Directions
Reproduce the entries that follow, exactly and in full.

Dataset excerpts
········
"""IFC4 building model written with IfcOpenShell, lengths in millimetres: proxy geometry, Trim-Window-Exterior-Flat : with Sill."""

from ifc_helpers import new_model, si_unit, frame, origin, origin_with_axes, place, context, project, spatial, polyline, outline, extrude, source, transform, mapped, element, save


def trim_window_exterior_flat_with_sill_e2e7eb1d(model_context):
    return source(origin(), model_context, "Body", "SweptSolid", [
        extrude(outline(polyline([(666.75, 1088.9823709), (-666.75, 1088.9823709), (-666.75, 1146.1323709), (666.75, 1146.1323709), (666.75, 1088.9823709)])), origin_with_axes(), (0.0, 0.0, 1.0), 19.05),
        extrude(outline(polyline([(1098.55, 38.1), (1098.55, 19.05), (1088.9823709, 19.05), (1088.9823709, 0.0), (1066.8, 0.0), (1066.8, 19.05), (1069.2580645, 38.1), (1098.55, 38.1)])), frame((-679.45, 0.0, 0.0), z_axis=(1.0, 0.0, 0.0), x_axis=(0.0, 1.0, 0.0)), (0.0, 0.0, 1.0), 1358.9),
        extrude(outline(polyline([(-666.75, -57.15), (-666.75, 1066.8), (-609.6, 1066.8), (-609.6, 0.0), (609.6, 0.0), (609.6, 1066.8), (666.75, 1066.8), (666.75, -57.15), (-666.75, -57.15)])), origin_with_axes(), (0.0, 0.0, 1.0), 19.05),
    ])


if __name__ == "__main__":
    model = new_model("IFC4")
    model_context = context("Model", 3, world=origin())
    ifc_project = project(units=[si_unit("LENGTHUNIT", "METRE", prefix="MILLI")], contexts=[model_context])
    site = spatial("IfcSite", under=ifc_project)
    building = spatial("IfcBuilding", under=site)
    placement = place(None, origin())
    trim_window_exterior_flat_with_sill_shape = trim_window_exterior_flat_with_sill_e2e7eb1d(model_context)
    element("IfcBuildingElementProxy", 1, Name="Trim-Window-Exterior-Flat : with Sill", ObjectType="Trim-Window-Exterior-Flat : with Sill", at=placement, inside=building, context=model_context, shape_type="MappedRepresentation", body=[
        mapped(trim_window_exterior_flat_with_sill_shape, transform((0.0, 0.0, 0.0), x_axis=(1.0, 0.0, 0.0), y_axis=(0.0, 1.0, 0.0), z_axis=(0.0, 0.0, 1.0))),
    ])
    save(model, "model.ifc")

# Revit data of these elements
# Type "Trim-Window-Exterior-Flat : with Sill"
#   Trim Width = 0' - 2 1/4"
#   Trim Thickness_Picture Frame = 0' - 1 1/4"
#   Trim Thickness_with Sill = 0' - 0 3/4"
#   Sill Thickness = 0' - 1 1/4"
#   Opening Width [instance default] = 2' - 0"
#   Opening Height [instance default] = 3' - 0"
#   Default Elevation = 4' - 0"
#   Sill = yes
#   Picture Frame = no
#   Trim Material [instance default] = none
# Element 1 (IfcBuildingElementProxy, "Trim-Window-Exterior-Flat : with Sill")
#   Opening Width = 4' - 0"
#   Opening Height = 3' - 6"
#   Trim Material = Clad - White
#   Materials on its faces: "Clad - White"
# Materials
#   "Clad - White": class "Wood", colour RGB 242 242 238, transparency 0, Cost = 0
········
Response area
"""IFC4 building model written with IfcOpenShell, lengths in millimetres: proxy geometry, Trim-Window-Exterior-Flat : with Sill."""

from ifc_helpers import new_model, si_unit, frame, origin, origin_with_axes, place, context, project, spatial, polyline, outline, extrude, source, transform, mapped, element, save


def trim_window_exterior_flat_with_sill_e2e7eb1d(model_context):
    return source(origin(), model_context, "Body", "SweptSolid", [
        extrude(outline(polyline([(666.75, 1088.9823709), (-666.75, 1088.9823709), (-666.75, 1146.1323709), (666.75, 1146.1323709), (666.75, 1088.9823709)])), origin_with_axes(), (0.0, 0.0, 1.0), 19.05),
        extrude(outline(polyline([(1098.55, 38.1), (1098.55, 19.05), (1088.9823709, 19.05), (1088.9823709, 0.0), (1066.8, 0.0), (1066.8, 19.05), (1069.2580645, 38.1), (1098.55, 38.1)])), frame((-679.45, 0.0, 0.0), z_axis=(1.0, 0.0, 0.0), x_axis=(0.0, 1.0, 0.0)), (0.0, 0.0, 1.0), 1358.9),
        extrude(outline(polyline([(-666.75, -57.15), (-666.75, 1066.8), (-609.6, 1066.8), (-609.6, 0.0), (609.6, 0.0), (609.6, 1066.8), (666.75, 1066.8), (666.75, -57.15), (-666.75, -57.15)])), origin_with_axes(), (0.0, 0.0, 1.0), 19.05),
    ])


if __name__ == "__main__":
    model = new_model("IFC4")
    model_context = context("Model", 3, world=origin())
    ifc_project = project(units=[si_unit("LENGTHUNIT", "METRE", prefix="MILLI")], contexts=[model_context])
    site = spatial("IfcSite", under=ifc_project)
    building = spatial("IfcBuilding", under=site)
    placement = place(None, origin())
    trim_window_exterior_flat_with_sill_shape = trim_window_exterior_flat_with_sill_e2e7eb1d(model_context)
    element("IfcBuildingElementProxy", 1, Name="Trim-Window-Exterior-Flat : with Sill", ObjectType="Trim-Window-Exterior-Flat : with Sill", at=placement, inside=building, context=model_context, shape_type="MappedRepresentation", body=[
        mapped(trim_window_exterior_flat_with_sill_shape, transform((0.0, 0.0, 0.0), x_axis=(1.0, 0.0, 0.0), y_axis=(0.0, 1.0, 0.0), z_axis=(0.0, 0.0, 1.0))),
    ])
    save(model, "model.ifc")

# Revit data of these elements
# Type "Trim-Window-Exterior-Flat : with Sill"
#   Trim Width = 0' - 2 1/4"
#   Trim Thickness_Picture Frame = 0' - 1 1/4"
#   Trim Thickness_with Sill = 0' - 0 3/4"
#   Sill Thickness = 0' - 1 1/4"
#   Opening Width [instance default] = 2' - 0"
#   Opening Height [instance default] = 3' - 0"
#   Default Elevation = 4' - 0"
#   Sill = yes
#   Picture Frame = no
#   Trim Material [instance default] = none
# Element 1 (IfcBuildingElementProxy, "Trim-Window-Exterior-Flat : with Sill")
#   Opening Width = 4' - 0"
#   Opening Height = 3' - 6"
#   Trim Material = Clad - White
#   Materials on its faces: "Clad - White"
# Materials
#   "Clad - White": class "Wood", colour RGB 242 242 238, transparency 0, Cost = 0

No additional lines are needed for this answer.